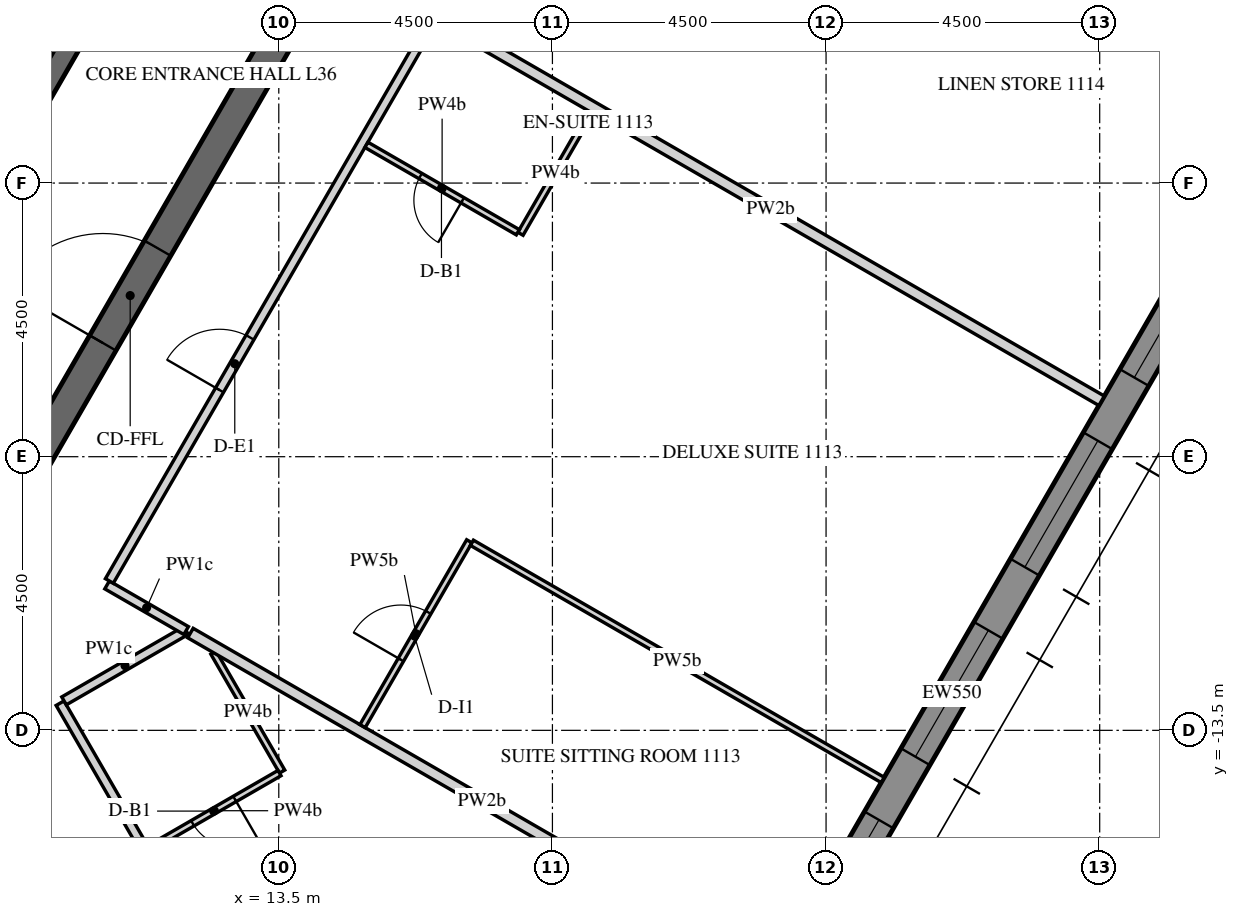
"""IFC4 building model, lengths in metres.
Left out: names, types, materials, properties, quantities, classifications, styles, units other than length and angle.
Written with IfcOpenShell. Run it as: python <this file> out.ifc"""

import sys

from ifc_helpers import new_model, si_unit, direction, frame, frame_2d, origin, place, context, subcontext, project, spatial, polyline, rectangle, outline, extrude, element, fill, save


model = new_model("IFC4")
c1 = context("Model", 3, precision=1e-05, world=origin(), true_north=direction((0.0, 1.0)))
c2 = subcontext(c1, "Body", "Model", "MODEL_VIEW")
j1 = project(units=[si_unit("LENGTHUNIT", "METRE"), si_unit("PLANEANGLEUNIT", "RADIAN")], contexts=[c1])
p1 = place(None, origin())
s1 = spatial("IfcSite", under=j1, at=p1, CompositionType="ELEMENT")
p2 = place(p1, origin())
s2 = spatial("IfcBuilding", under=s1, at=p2, CompositionType="ELEMENT")
p3 = place(p2, frame((0.0, 0.0, 156.6)))
s3 = spatial("IfcBuildingStorey", under=s2, at=p3, CompositionType="ELEMENT", Elevation=156.6)
p4 = place(p3, frame((17.63, -24.914, -0.15), z_axis=(0.0, 0.0, 1.0), x_axis=(0.499998569178, 0.866026229868, 0.0)))
e1 = element("IfcWall", 1, at=p4, inside=s3, PredefinedType="SOLIDWALL", context=c2, shape_type="SweptSolid", body=[
    extrude(outline(polyline([(-0.022, -0.275), (27.783, -0.275), (27.732, 0.275), (0.022, 0.275), (-0.022, -0.275)])), origin(), (0.0, 0.0, 1.0), 3.9),
])
p5 = place(p4, frame((1.879, 0.0, 1.05)))
e2 = element("IfcOpeningElement", 2, at=p5, cuts=e1, PredefinedType="OPENING", context=c2, shape_type="SweptSolid", body=[
    extrude(rectangle(XDim=2.4, YDim=2.4, at=frame_2d((1.2, 1.2))), frame((0.0, 0.285, 0.0), z_axis=(0.0, -1.0, 0.0), x_axis=(1.0, 0.0, 0.0)), (0.0, 0.0, 1.0), 0.57),
])
p6 = place(p4, frame((5.479, 0.0, 1.05)))
e3 = element("IfcOpeningElement", 3, at=p6, cuts=e1, PredefinedType="OPENING", context=c2, shape_type="SweptSolid", body=[
    extrude(rectangle(XDim=2.4, YDim=2.4, at=frame_2d((1.2, 1.2))), frame((0.0, 0.285, 0.0), z_axis=(0.0, -1.0, 0.0), x_axis=(1.0, 0.0, 0.0)), (0.0, 0.0, 1.0), 0.57),
])
p7 = place(p4, frame((9.079, 0.0, 1.05)))
e4 = element("IfcOpeningElement", 4, at=p7, cuts=e1, PredefinedType="OPENING", context=c2, shape_type="SweptSolid", body=[
    extrude(rectangle(XDim=2.4, YDim=2.4, at=frame_2d((1.2, 1.2))), frame((0.0, 0.285, 0.0), z_axis=(0.0, -1.0, 0.0), x_axis=(1.0, 0.0, 0.0)), (0.0, 0.0, 1.0), 0.57),
])
p8 = place(p4, frame((12.679, 0.0, 1.05)))
e5 = element("IfcOpeningElement", 5, at=p8, cuts=e1, PredefinedType="OPENING", context=c2, shape_type="SweptSolid", body=[
    extrude(rectangle(XDim=2.4, YDim=2.4, at=frame_2d((1.2, 1.2))), frame((0.0, 0.285, 0.0), z_axis=(0.0, -1.0, 0.0), x_axis=(1.0, 0.0, 0.0)), (0.0, 0.0, 1.0), 0.57),
])
p9 = place(p4, frame((16.279, 0.0, 1.05)))
e6 = element("IfcOpeningElement", 6, at=p9, cuts=e1, PredefinedType="OPENING", context=c2, shape_type="SweptSolid", body=[
    extrude(rectangle(XDim=2.4, YDim=2.4, at=frame_2d((1.2, 1.2))), frame((0.0, 0.285, 0.0), z_axis=(0.0, -1.0, 0.0), x_axis=(1.0, 0.0, 0.0)), (0.0, 0.0, 1.0), 0.57),
])
p10 = place(p4, frame((19.879, 0.0, 1.05)))
e7 = element("IfcOpeningElement", 7, at=p10, cuts=e1, PredefinedType="OPENING", context=c2, shape_type="SweptSolid", body=[
    extrude(rectangle(XDim=2.4, YDim=2.4, at=frame_2d((1.2, 1.2))), frame((0.0, 0.285, 0.0), z_axis=(0.0, -1.0, 0.0), x_axis=(1.0, 0.0, 0.0)), (0.0, 0.0, 1.0), 0.57),
])
p11 = place(p4, frame((23.479, 0.0, 1.05)))
e8 = element("IfcOpeningElement", 8, at=p11, cuts=e1, PredefinedType="OPENING", context=c2, shape_type="SweptSolid", body=[
    extrude(rectangle(XDim=2.4, YDim=2.4, at=frame_2d((1.2, 1.2))), frame((0.0, 0.285, 0.0), z_axis=(0.0, -1.0, 0.0), x_axis=(1.0, 0.0, 0.0)), (0.0, 0.0, 1.0), 0.57),
])
p12 = place(p3, frame((7.361, -12.75, -0.15), z_axis=(0.0, 0.0, 1.0), x_axis=(0.50000571537, 0.866022103989, 0.0)))
e9 = element("IfcWall", 9, at=p12, inside=s3, PredefinedType="SHEAR", context=c2, shape_type="SweptSolid", body=[
    extrude(outline(polyline([(-0.144, -0.25), (14.867, -0.25), (14.578, 0.25), (0.144, 0.25), (-0.144, -0.25)])), origin(), (0.0, 0.0, 1.0), 3.9),
])
p13 = place(p12, frame((6.49, 0.0, 0.15)))
e10 = element("IfcOpeningElement", 10, at=p13, cuts=e9, PredefinedType="OPENING", context=c2, shape_type="SweptSolid", body=[
    extrude(rectangle(XDim=1.8, YDim=2.4, at=frame_2d((0.9, 1.2))), frame((0.0, 0.26, 0.0), z_axis=(0.0, -1.0, 0.0), x_axis=(1.0, 0.0, 0.0)), (0.0, 0.0, 1.0), 0.52),
])
p14 = place(p3, frame((7.506, -13.0, -0.15), z_axis=(0.0, 0.0, 1.0), x_axis=(0.499988271576, -0.866032175087, 0.0)))
e11 = element("IfcWall", 11, at=p14, inside=s3, PredefinedType="SHEAR", context=c2, shape_type="SweptSolid", body=[
    extrude(rectangle(XDim=15.424, YDim=0.5, at=frame_2d((7.712, 0.0))), origin(), (0.0, 0.0, 1.0), 3.9),
])
p15 = place(p14, frame((6.812, 0.0, 0.15)))
e12 = element("IfcOpeningElement", 12, at=p15, cuts=e11, PredefinedType="OPENING", context=c2, shape_type="SweptSolid", body=[
    extrude(rectangle(XDim=1.8, YDim=2.4, at=frame_2d((0.9, 1.2))), frame((0.0, 0.26, 0.0), z_axis=(0.0, -1.0, 0.0), x_axis=(1.0, 0.0, 0.0)), (0.0, 0.0, 1.0), 0.52),
])
p16 = place(p3, frame((5.673, -9.825, -0.15), z_axis=(0.0, 0.0, 1.0), x_axis=(0.499995046907, 0.866028263435, 0.0)))
e13 = element("IfcWall", 13, at=p16, inside=s3, PredefinedType="SHEAR", context=c2, shape_type="SweptSolid", body=[
    extrude(outline(polyline([(-0.101, -0.175), (11.446, -0.175), (11.244, 0.175), (0.101, 0.175), (-0.101, -0.175)])), origin(), (0.0, 0.0, 1.0), 3.9),
])
p17 = place(p16, frame((4.801, 0.0, 0.15)))
e14 = element("IfcOpeningElement", 14, at=p17, cuts=e13, PredefinedType="OPENING", context=c2, shape_type="SweptSolid", body=[
    extrude(rectangle(XDim=1.8, YDim=2.4, at=frame_2d((0.9, 1.2))), frame((0.0, 0.185, 0.0), z_axis=(0.0, -1.0, 0.0), x_axis=(1.0, 0.0, 0.0)), (0.0, 0.0, 1.0), 0.37),
])
p18 = place(p3, frame((6.178, -14.8, 0.0), z_axis=(0.0, 0.0, 1.0), x_axis=(0.499984309814, -0.866034462328, 0.0)))
e15 = element("IfcWall", 15, at=p18, inside=s3, PredefinedType="PARTITIONING", context=c2, shape_type="SweptSolid", body=[
    extrude(rectangle(XDim=8.017, YDim=0.15, at=frame_2d((4.008, 0.0))), origin(), (0.0, 0.0, 1.0), 2.823),
])
p19 = place(p3, frame((13.699, -19.628, 0.0), z_axis=(0.0, 0.0, 1.0), x_axis=(-0.499998968938, 0.866025999068, 0.0)))
e16 = element("IfcWall", 16, at=p19, inside=s3, PredefinedType="PARTITIONING", context=c2, shape_type="SweptSolid", body=[
    extrude(rectangle(XDim=7.592, YDim=0.15, at=frame_2d((3.796, 0.0))), origin(), (0.0, 0.0, 1.0), 2.823),
])
p20 = place(p19, frame((2.033, 0.0, 0.0)))
e17 = element("IfcOpeningElement", 17, at=p20, cuts=e16, PredefinedType="OPENING", context=c2, shape_type="SweptSolid", body=[
    extrude(rectangle(XDim=1.0, YDim=2.1, at=frame_2d((0.5, 1.05))), frame((0.0, 0.085, 0.0), z_axis=(0.0, -1.0, 0.0), x_axis=(1.0, 0.0, 0.0)), (0.0, 0.0, 1.0), 0.17),
])
p21 = place(p3, frame((9.968, -13.016, 0.0), z_axis=(0.0, 0.0, 1.0), x_axis=(0.866022320763, 0.500005339912, 0.0)))
e18 = element("IfcWall", 18, at=p21, inside=s3, PredefinedType="PARTITIONING", context=c2, shape_type="SweptSolid", body=[
    extrude(rectangle(XDim=2.316, YDim=0.15, at=frame_2d((1.158, 0.0))), origin(), (0.0, 0.0, 1.0), 2.823),
])
p22 = place(p3, frame((11.977, -11.859, 0.0), z_axis=(0.0, 0.0, 1.0), x_axis=(-0.865993364801, 0.500055489042, 0.0)))
e19 = element("IfcWall", 19, at=p22, inside=s3, PredefinedType="PARTITIONING", context=c2, shape_type="SweptSolid", body=[
    extrude(rectangle(XDim=1.502, YDim=0.15, at=frame_2d((0.751, 0.0))), origin(), (0.0, 0.0, 1.0), 2.823),
])
p23 = place(p3, frame((10.714, -11.043, 0.0), z_axis=(0.0, 0.0, 1.0), x_axis=(0.500001980452, 0.866024260367, 0.0)))
e20 = element("IfcWall", 20, at=p23, inside=s3, PredefinedType="PARTITIONING", context=c2, shape_type="SweptSolid", body=[
    extrude(rectangle(XDim=12.752, YDim=0.15, at=frame_2d((6.376, 0.0))), origin(), (0.0, 0.0, 1.0), 2.823),
])
p24 = place(p23, frame((3.625, 0.0, 0.0)))
e21 = element("IfcOpeningElement", 21, at=p24, cuts=e20, PredefinedType="OPENING", context=c2, shape_type="SweptSolid", body=[
    extrude(rectangle(XDim=1.0, YDim=2.1, at=frame_2d((0.5, 1.05))), frame((0.0, 0.085, 0.0), z_axis=(0.0, -1.0, 0.0), x_axis=(1.0, 0.0, 0.0)), (0.0, 0.0, 1.0), 0.17),
])
p25 = place(p23, frame((11.602, 0.0, 0.0)))
e22 = element("IfcOpeningElement", 22, at=p25, cuts=e20, PredefinedType="OPENING", context=c2, shape_type="SweptSolid", body=[
    extrude(rectangle(XDim=1.0, YDim=2.1, at=frame_2d((0.5, 1.05))), frame((0.0, 0.085, 0.0), z_axis=(0.0, -1.0, 0.0), x_axis=(1.0, 0.0, 0.0)), (0.0, 0.0, 1.0), 0.17),
])
p26 = place(p3, frame((12.426, -12.223, 0.0), z_axis=(0.0, 0.0, 1.0), x_axis=(0.499919032186, -0.866072145528, 0.0)))
e23 = element("IfcWall", 23, at=p26, inside=s3, PredefinedType="PARTITIONING", context=c2, shape_type="SweptSolid", body=[
    extrude(rectangle(XDim=2.258, YDim=0.1, at=frame_2d((1.129, 0.0))), origin(), (0.0, 0.0, 1.0), 2.823),
])
p27 = place(p3, frame((13.512, -14.203, 0.0), z_axis=(0.0, 0.0, 1.0), x_axis=(-0.866006523861, -0.500032699561, 0.0)))
e24 = element("IfcWall", 24, at=p27, inside=s3, PredefinedType="PARTITIONING", context=c2, shape_type="SweptSolid", body=[
    extrude(rectangle(XDim=2.475, YDim=0.1, at=frame_2d((1.237, 0.0))), origin(), (0.0, 0.0, 1.0), 2.823),
])
p28 = place(p27, frame((0.85, 0.0, 0.0)))
e25 = element("IfcOpeningElement", 25, at=p28, cuts=e24, PredefinedType="OPENING", context=c2, shape_type="SweptSolid", body=[
    extrude(rectangle(XDim=0.8, YDim=2.1, at=frame_2d((0.4, 1.05))), frame((0.0, 0.06, 0.0), z_axis=(0.0, -1.0, 0.0), x_axis=(1.0, 0.0, 0.0)), (0.0, 0.0, 1.0), 0.12),
])
p29 = place(p3, frame((21.631, -17.433, 0.0), z_axis=(0.0, 0.0, 1.0), x_axis=(-0.866031296205, 0.499989793889, 0.0)))
e26 = element("IfcWall", 26, at=p29, inside=s3, PredefinedType="PARTITIONING", context=c2, shape_type="SweptSolid", body=[
    extrude(rectangle(XDim=11.067, YDim=0.18, at=frame_2d((5.534, 0.0))), origin(), (0.0, 0.0, 1.0), 2.823),
])
p30 = place(p3, frame((18.629, -3.333, 0.0), z_axis=(0.0, 0.0, 1.0), x_axis=(-0.500015210774, -0.866016621662, 0.0)))
e27 = element("IfcWall", 27, at=p30, inside=s3, PredefinedType="PARTITIONING", context=c2, shape_type="SweptSolid", body=[
    extrude(rectangle(XDim=2.31, YDim=0.1, at=frame_2d((1.155, 0.0))), origin(), (0.0, 0.0, 1.0), 2.823),
])
p31 = place(p3, frame((17.431, -5.309, 0.0), z_axis=(0.0, 0.0, 1.0), x_axis=(-0.866018712932, 0.500011588718, 0.0)))
e28 = element("IfcWall", 28, at=p31, inside=s3, PredefinedType="PARTITIONING", context=c2, shape_type="SweptSolid", body=[
    extrude(rectangle(XDim=2.875, YDim=0.1, at=frame_2d((1.438, 0.0))), origin(), (0.0, 0.0, 1.0), 2.823),
])
p32 = place(p31, frame((1.05, 0.0, 0.0)))
e29 = element("IfcOpeningElement", 29, at=p32, cuts=e28, PredefinedType="OPENING", context=c2, shape_type="SweptSolid", body=[
    extrude(rectangle(XDim=0.8, YDim=2.1, at=frame_2d((0.4, 1.05))), frame((0.0, 0.06, 0.0), z_axis=(0.0, -1.0, 0.0), x_axis=(1.0, 0.0, 0.0)), (0.0, 0.0, 1.0), 0.12),
])
p33 = place(p3, frame((14.878, -13.43, 0.0), z_axis=(0.0, 0.0, 1.0), x_axis=(0.500021481416, 0.866013001128, 0.0)))
e30 = element("IfcWall", 30, at=p33, inside=s3, PredefinedType="PARTITIONING", context=c2, shape_type="SweptSolid", body=[
    extrude(rectangle(XDim=3.51, YDim=0.1, at=frame_2d((1.755, 0.0))), origin(), (0.0, 0.0, 1.0), 2.823),
])
p34 = place(p33, frame((1.26, 0.0, 0.0)))
e31 = element("IfcOpeningElement", 31, at=p34, cuts=e30, PredefinedType="OPENING", context=c2, shape_type="SweptSolid", body=[
    extrude(rectangle(XDim=0.9, YDim=2.1, at=frame_2d((0.45, 1.05))), frame((0.0, 0.06, 0.0), z_axis=(0.0, -1.0, 0.0), x_axis=(1.0, 0.0, 0.0)), (0.0, 0.0, 1.0), 0.12),
])
p35 = place(p3, frame((16.676, -10.416, 0.0), z_axis=(0.0, 0.0, 1.0), x_axis=(0.866034953203, -0.499983459557, 0.0)))
e32 = element("IfcWall", 32, at=p35, inside=s3, PredefinedType="PARTITIONING", context=c2, shape_type="SweptSolid", body=[
    extrude(rectangle(XDim=7.8, YDim=0.1, at=frame_2d((3.9, 0.0))), origin(), (0.0, 0.0, 1.0), 2.823),
])
p36 = place(p3, frame((27.031, -8.08, 0.0), z_axis=(0.0, 0.0, 1.0), x_axis=(-0.86602780907, 0.499995833901, 0.0)))
e33 = element("IfcWall", 33, at=p36, inside=s3, PredefinedType="PARTITIONING", context=c2, shape_type="SweptSolid", body=[
    extrude(rectangle(XDim=12.575, YDim=0.18, at=frame_2d((6.287, 0.0))), origin(), (0.0, 0.0, 1.0), 2.823),
])
p37 = place(p7, frame((0.0, 0.205, 0.0)))
e34 = element("IfcWindow", 34, at=p37, inside=s3, PartitioningType="DOUBLE_PANEL_VERTICAL", PredefinedType="WINDOW", context=c2, shape_type="SweptSolid", body=[
    extrude(rectangle(XDim=2.4, YDim=2.4, at=frame_2d((1.2, 1.2))), frame((0.0, 0.03, 0.0), z_axis=(0.0, -1.0, 0.0), x_axis=(1.0, 0.0, 0.0)), (0.0, 0.0, 1.0), 0.06),
])
fill(e4, e34)
p38 = place(p8, frame((0.0, 0.205, 0.0)))
e35 = element("IfcWindow", 35, at=p38, inside=s3, PartitioningType="DOUBLE_PANEL_VERTICAL", PredefinedType="WINDOW", context=c2, shape_type="SweptSolid", body=[
    extrude(rectangle(XDim=2.4, YDim=2.4, at=frame_2d((1.2, 1.2))), frame((0.0, 0.03, 0.0), z_axis=(0.0, -1.0, 0.0), x_axis=(1.0, 0.0, 0.0)), (0.0, 0.0, 1.0), 0.06),
])
fill(e5, e35)
p39 = place(p9, frame((0.0, 0.205, 0.0)))
e36 = element("IfcWindow", 36, at=p39, inside=s3, PartitioningType="DOUBLE_PANEL_VERTICAL", PredefinedType="WINDOW", context=c2, shape_type="SweptSolid", body=[
    extrude(rectangle(XDim=2.4, YDim=2.4, at=frame_2d((1.2, 1.2))), frame((0.0, 0.03, 0.0), z_axis=(0.0, -1.0, 0.0), x_axis=(1.0, 0.0, 0.0)), (0.0, 0.0, 1.0), 0.06),
])
fill(e6, e36)
p40 = place(p10, frame((0.0, 0.205, 0.0)))
e37 = element("IfcWindow", 37, at=p40, inside=s3, PartitioningType="DOUBLE_PANEL_VERTICAL", PredefinedType="WINDOW", context=c2, shape_type="SweptSolid", body=[
    extrude(rectangle(XDim=2.4, YDim=2.4, at=frame_2d((1.2, 1.2))), frame((0.0, 0.03, 0.0), z_axis=(0.0, -1.0, 0.0), x_axis=(1.0, 0.0, 0.0)), (0.0, 0.0, 1.0), 0.06),
])
fill(e7, e37)
p41 = place(p13, origin())
e38 = element("IfcDoor", 38, at=p41, inside=s3, OperationType="DOUBLE_DOOR_SINGLE_SWING", PredefinedType="DOOR", context=c2, shape_type="SweptSolid", body=[
    extrude(rectangle(XDim=1.8, YDim=2.4, at=frame_2d((0.9, 1.2))), frame((0.0, 0.025, 0.0), z_axis=(0.0, -1.0, 0.0), x_axis=(1.0, 0.0, 0.0)), (0.0, 0.0, 1.0), 0.05),
])
fill(e10, e38)
p42 = place(p28, origin())
e39 = element("IfcDoor", 39, at=p42, inside=s3, OperationType="SINGLE_SWING_RIGHT", PredefinedType="DOOR", context=c2, shape_type="SweptSolid", body=[
    extrude(rectangle(XDim=0.8, YDim=2.1, at=frame_2d((0.4, 1.05))), frame((0.0, 0.025, 0.0), z_axis=(0.0, -1.0, 0.0), x_axis=(1.0, 0.0, 0.0)), (0.0, 0.0, 1.0), 0.05),
])
fill(e25, e39)
p43 = place(p24, origin())
e40 = element("IfcDoor", 40, at=p43, inside=s3, OperationType="SINGLE_SWING_RIGHT", PredefinedType="DOOR", context=c2, shape_type="SweptSolid", body=[
    extrude(rectangle(XDim=1.0, YDim=2.1, at=frame_2d((0.5, 1.05))), frame((0.0, 0.025, 0.0), z_axis=(0.0, -1.0, 0.0), x_axis=(1.0, 0.0, 0.0)), (0.0, 0.0, 1.0), 0.05),
])
fill(e21, e40)
p44 = place(p32, origin())
e41 = element("IfcDoor", 41, at=p44, inside=s3, OperationType="SINGLE_SWING_LEFT", PredefinedType="DOOR", context=c2, shape_type="SweptSolid", body=[
    extrude(rectangle(XDim=0.8, YDim=2.1, at=frame_2d((0.4, 1.05))), frame((0.0, 0.025, 0.0), z_axis=(0.0, -1.0, 0.0), x_axis=(1.0, 0.0, 0.0)), (0.0, 0.0, 1.0), 0.05),
])
fill(e29, e41)
p45 = place(p34, origin())
e42 = element("IfcDoor", 42, at=p45, inside=s3, OperationType="SINGLE_SWING_RIGHT", PredefinedType="DOOR", context=c2, shape_type="SweptSolid", body=[
    extrude(rectangle(XDim=0.9, YDim=2.1, at=frame_2d((0.45, 1.05))), frame((0.0, 0.025, 0.0), z_axis=(0.0, -1.0, 0.0), x_axis=(1.0, 0.0, 0.0)), (0.0, 0.0, 1.0), 0.05),
])
fill(e31, e42)
save(model, sys.argv[1])

━━━━━━━━━━━━━━━━━━━━━━━━━━━━━━

▶ **WORK INSTRUCTION**:
Everything from the line with "p38 = place(p8, frame((0.0, 0.205, 0.0)))" through the line with "p39 = place(p9, frame((0.0, 0.205, 0.0)))" in the listing above must be retyped exactly, with nothing added.

▶ **WRITTEN RESPONSE**:
p38 = place(p8, frame((0.0, 0.205, 0.0)))
e35 = element("IfcWindow", 35, at=p38, inside=s3, PartitioningType="DOUBLE_PANEL_VERTICAL", PredefinedType="WINDOW", context=c2, shape_type="SweptSolid", body=[
    extrude(rectangle(XDim=2.4, YDim=2.4, at=frame_2d((1.2, 1.2))), frame((0.0, 0.03, 0.0), z_axis=(0.0, -1.0, 0.0), x_axis=(1.0, 0.0, 0.0)), (0.0, 0.0, 1.0), 0.06),
])
fill(e5, e35)
p39 = place(p9, frame((0.0, 0.205, 0.0)))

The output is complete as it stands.